[Stored data]

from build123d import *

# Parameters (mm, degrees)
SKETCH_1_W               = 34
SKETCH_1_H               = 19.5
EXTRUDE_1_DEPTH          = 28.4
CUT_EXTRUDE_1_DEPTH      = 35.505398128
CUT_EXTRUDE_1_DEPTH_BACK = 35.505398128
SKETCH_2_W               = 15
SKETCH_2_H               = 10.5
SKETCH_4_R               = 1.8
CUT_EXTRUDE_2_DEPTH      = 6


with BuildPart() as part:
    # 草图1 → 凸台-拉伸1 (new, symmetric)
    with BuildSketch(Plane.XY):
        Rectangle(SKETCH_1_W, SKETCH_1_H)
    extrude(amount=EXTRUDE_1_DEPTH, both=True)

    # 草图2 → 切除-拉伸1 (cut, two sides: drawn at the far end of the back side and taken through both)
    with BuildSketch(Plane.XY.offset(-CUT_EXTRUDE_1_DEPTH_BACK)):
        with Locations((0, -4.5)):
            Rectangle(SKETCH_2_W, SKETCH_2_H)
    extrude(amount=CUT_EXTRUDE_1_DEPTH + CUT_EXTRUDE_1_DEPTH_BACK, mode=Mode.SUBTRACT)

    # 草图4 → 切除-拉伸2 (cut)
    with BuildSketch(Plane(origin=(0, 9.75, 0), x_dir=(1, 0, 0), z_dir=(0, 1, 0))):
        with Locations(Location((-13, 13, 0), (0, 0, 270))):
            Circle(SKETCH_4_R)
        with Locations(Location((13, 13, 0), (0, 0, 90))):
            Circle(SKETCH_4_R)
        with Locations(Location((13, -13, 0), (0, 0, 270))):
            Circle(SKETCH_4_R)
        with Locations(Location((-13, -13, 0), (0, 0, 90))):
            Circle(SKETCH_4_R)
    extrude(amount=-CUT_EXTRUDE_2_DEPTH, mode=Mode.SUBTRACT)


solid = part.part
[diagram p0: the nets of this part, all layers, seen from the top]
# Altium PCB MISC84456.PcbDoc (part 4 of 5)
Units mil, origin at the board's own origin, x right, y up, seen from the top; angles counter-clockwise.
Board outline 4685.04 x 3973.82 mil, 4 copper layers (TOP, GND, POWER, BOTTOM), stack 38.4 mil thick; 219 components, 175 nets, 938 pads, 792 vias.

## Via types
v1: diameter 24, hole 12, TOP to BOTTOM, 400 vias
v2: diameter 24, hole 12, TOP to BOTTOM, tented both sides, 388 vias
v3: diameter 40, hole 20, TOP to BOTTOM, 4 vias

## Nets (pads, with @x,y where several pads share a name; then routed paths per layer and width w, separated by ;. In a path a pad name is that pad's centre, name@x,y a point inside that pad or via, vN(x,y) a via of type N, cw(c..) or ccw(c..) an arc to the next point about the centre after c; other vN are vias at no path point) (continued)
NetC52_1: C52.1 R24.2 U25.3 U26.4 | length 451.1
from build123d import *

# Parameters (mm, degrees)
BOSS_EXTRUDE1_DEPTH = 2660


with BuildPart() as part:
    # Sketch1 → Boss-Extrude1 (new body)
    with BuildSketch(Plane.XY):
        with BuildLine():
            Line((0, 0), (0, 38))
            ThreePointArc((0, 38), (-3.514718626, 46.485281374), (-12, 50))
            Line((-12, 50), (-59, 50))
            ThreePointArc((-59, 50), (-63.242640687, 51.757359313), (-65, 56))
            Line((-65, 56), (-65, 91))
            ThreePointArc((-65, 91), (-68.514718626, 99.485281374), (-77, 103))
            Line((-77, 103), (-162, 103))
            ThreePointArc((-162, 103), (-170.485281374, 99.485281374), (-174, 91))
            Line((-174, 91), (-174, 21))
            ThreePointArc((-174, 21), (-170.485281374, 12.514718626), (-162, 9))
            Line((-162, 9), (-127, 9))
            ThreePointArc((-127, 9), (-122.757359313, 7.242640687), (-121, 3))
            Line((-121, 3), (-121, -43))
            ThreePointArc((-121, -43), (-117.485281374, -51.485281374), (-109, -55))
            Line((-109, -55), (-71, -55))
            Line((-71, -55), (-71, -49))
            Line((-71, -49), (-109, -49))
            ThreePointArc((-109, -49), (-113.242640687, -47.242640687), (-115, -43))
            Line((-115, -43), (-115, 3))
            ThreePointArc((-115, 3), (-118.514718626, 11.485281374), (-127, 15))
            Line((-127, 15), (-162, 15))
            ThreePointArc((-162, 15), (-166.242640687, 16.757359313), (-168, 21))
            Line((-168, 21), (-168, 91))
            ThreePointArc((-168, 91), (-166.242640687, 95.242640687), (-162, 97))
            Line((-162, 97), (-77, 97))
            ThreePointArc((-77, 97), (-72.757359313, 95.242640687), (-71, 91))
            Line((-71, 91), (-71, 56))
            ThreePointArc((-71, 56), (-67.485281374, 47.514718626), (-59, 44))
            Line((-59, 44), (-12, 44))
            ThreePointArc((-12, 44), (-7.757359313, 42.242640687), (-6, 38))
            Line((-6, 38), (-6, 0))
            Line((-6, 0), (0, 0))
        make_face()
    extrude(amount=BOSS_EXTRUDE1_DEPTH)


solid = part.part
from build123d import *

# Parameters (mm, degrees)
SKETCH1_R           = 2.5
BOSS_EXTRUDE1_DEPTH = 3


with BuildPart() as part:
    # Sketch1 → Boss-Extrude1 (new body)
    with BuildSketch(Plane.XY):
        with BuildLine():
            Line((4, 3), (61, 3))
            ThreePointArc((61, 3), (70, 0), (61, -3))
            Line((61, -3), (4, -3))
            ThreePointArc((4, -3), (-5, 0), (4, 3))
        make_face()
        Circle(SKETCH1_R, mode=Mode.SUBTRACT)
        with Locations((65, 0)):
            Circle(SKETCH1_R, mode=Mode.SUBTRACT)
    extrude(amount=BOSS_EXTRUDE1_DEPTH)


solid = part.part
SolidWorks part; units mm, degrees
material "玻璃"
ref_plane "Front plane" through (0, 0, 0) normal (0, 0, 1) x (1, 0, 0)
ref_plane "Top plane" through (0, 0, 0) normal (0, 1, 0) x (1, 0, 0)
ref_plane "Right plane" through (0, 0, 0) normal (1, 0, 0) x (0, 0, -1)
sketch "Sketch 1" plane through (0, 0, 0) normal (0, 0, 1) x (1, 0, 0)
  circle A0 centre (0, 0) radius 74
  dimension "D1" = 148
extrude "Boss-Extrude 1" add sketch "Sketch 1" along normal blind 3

(Problem): Please transcribe the entries above exactly as written.

(Response below):
from build123d import *

# Parameters (mm, degrees)
SKETCH_1_W               = 34
SKETCH_1_H               = 19.5
EXTRUDE_1_DEPTH          = 28.4
CUT_EXTRUDE_1_DEPTH      = 35.505398128
CUT_EXTRUDE_1_DEPTH_BACK = 35.505398128
SKETCH_2_W               = 15
SKETCH_2_H               = 10.5
SKETCH_4_R               = 1.8
CUT_EXTRUDE_2_DEPTH      = 6


with BuildPart() as part:
    # 草图1 → 凸台-拉伸1 (new, symmetric)
    with BuildSketch(Plane.XY):
        Rectangle(SKETCH_1_W, SKETCH_1_H)
    extrude(amount=EXTRUDE_1_DEPTH, both=True)

    # 草图2 → 切除-拉伸1 (cut, two sides: drawn at the far end of the back side and taken through both)
    with BuildSketch(Plane.XY.offset(-CUT_EXTRUDE_1_DEPTH_BACK)):
        with Locations((0, -4.5)):
            Rectangle(SKETCH_2_W, SKETCH_2_H)
    extrude(amount=CUT_EXTRUDE_1_DEPTH + CUT_EXTRUDE_1_DEPTH_BACK, mode=Mode.SUBTRACT)

    # 草图4 → 切除-拉伸2 (cut)
    with BuildSketch(Plane(origin=(0, 9.75, 0), x_dir=(1, 0, 0), z_dir=(0, 1, 0))):
        with Locations(Location((-13, 13, 0), (0, 0, 270))):
            Circle(SKETCH_4_R)
        with Locations(Location((13, 13, 0), (0, 0, 90))):
            Circle(SKETCH_4_R)
        with Locations(Location((13, -13, 0), (0, 0, 270))):
            Circle(SKETCH_4_R)
        with Locations(Location((-13, -13, 0), (0, 0, 90))):
            Circle(SKETCH_4_R)
    extrude(amount=-CUT_EXTRUDE_2_DEPTH, mode=Mode.SUBTRACT)


solid = part.part
[diagram p0: the nets of this part, all layers, seen from the top]
# Altium PCB MISC84456.PcbDoc (part 4 of 5)
Units mil, origin at the board's own origin, x right, y up, seen from the top; angles counter-clockwise.
Board outline 4685.04 x 3973.82 mil, 4 copper layers (TOP, GND, POWER, BOTTOM), stack 38.4 mil thick; 219 components, 175 nets, 938 pads, 792 vias.

## Via types
v1: diameter 24, hole 12, TOP to BOTTOM, 400 vias
v2: diameter 24, hole 12, TOP to BOTTOM, tented both sides, 388 vias
v3: diameter 40, hole 20, TOP to BOTTOM, 4 vias

## Nets (pads, with @x,y where several pads share a name; then routed paths per layer and width w, separated by ;. In a path a pad name is that pad's centre, name@x,y a point inside that pad or via, vN(x,y) a via of type N, cw(c..) or ccw(c..) an arc to the next point about the centre after c; other vN are vias at no path point) (continued)
NetC52_1: C52.1 R24.2 U25.3 U26.4 | length 451.1
from build123d import *

# Parameters (mm, degrees)
BOSS_EXTRUDE1_DEPTH = 2660


with BuildPart() as part:
    # Sketch1 → Boss-Extrude1 (new body)
    with BuildSketch(Plane.XY):
        with BuildLine():
            Line((0, 0), (0, 38))
            ThreePointArc((0, 38), (-3.514718626, 46.485281374), (-12, 50))
            Line((-12, 50), (-59, 50))
            ThreePointArc((-59, 50), (-63.242640687, 51.757359313), (-65, 56))
            Line((-65, 56), (-65, 91))
            ThreePointArc((-65, 91), (-68.514718626, 99.485281374), (-77, 103))
            Line((-77, 103), (-162, 103))
            ThreePointArc((-162, 103), (-170.485281374, 99.485281374), (-174, 91))
            Line((-174, 91), (-174, 21))
            ThreePointArc((-174, 21), (-170.485281374, 12.514718626), (-162, 9))
            Line((-162, 9), (-127, 9))
            ThreePointArc((-127, 9), (-122.757359313, 7.242640687), (-121, 3))
            Line((-121, 3), (-121, -43))
            ThreePointArc((-121, -43), (-117.485281374, -51.485281374), (-109, -55))
            Line((-109, -55), (-71, -55))
            Line((-71, -55), (-71, -49))
            Line((-71, -49), (-109, -49))
            ThreePointArc((-109, -49), (-113.242640687, -47.242640687), (-115, -43))
            Line((-115, -43), (-115, 3))
            ThreePointArc((-115, 3), (-118.514718626, 11.485281374), (-127, 15))
            Line((-127, 15), (-162, 15))
            ThreePointArc((-162, 15), (-166.242640687, 16.757359313), (-168, 21))
            Line((-168, 21), (-168, 91))
            ThreePointArc((-168, 91), (-166.242640687, 95.242640687), (-162, 97))
            Line((-162, 97), (-77, 97))
            ThreePointArc((-77, 97), (-72.757359313, 95.242640687), (-71, 91))
            Line((-71, 91), (-71, 56))
            ThreePointArc((-71, 56), (-67.485281374, 47.514718626), (-59, 44))
            Line((-59, 44), (-12, 44))
            ThreePointArc((-12, 44), (-7.757359313, 42.242640687), (-6, 38))
            Line((-6, 38), (-6, 0))
            Line((-6, 0), (0, 0))
        make_face()
    extrude(amount=BOSS_EXTRUDE1_DEPTH)


solid = part.part
from build123d import *

# Parameters (mm, degrees)
SKETCH1_R           = 2.5
BOSS_EXTRUDE1_DEPTH = 3


with BuildPart() as part:
    # Sketch1 → Boss-Extrude1 (new body)
    with BuildSketch(Plane.XY):
        with BuildLine():
            Line((4, 3), (61, 3))
            ThreePointArc((61, 3), (70, 0), (61, -3))
            Line((61, -3), (4, -3))
            ThreePointArc((4, -3), (-5, 0), (4, 3))
        make_face()
        Circle(SKETCH1_R, mode=Mode.SUBTRACT)
        with Locations((65, 0)):
            Circle(SKETCH1_R, mode=Mode.SUBTRACT)
    extrude(amount=BOSS_EXTRUDE1_DEPTH)


solid = part.part
SolidWorks part; units mm, degrees
material "玻璃"
ref_plane "Front plane" through (0, 0, 0) normal (0, 0, 1) x (1, 0, 0)
ref_plane "Top plane" through (0, 0, 0) normal (0, 1, 0) x (1, 0, 0)
ref_plane "Right plane" through (0, 0, 0) normal (1, 0, 0) x (0, 0, -1)
sketch "Sketch 1" plane through (0, 0, 0) normal (0, 0, 1) x (1, 0, 0)
  circle A0 centre (0, 0) radius 74
  dimension "D1" = 148
extrude "Boss-Extrude 1" add sketch "Sketch 1" along normal blind 3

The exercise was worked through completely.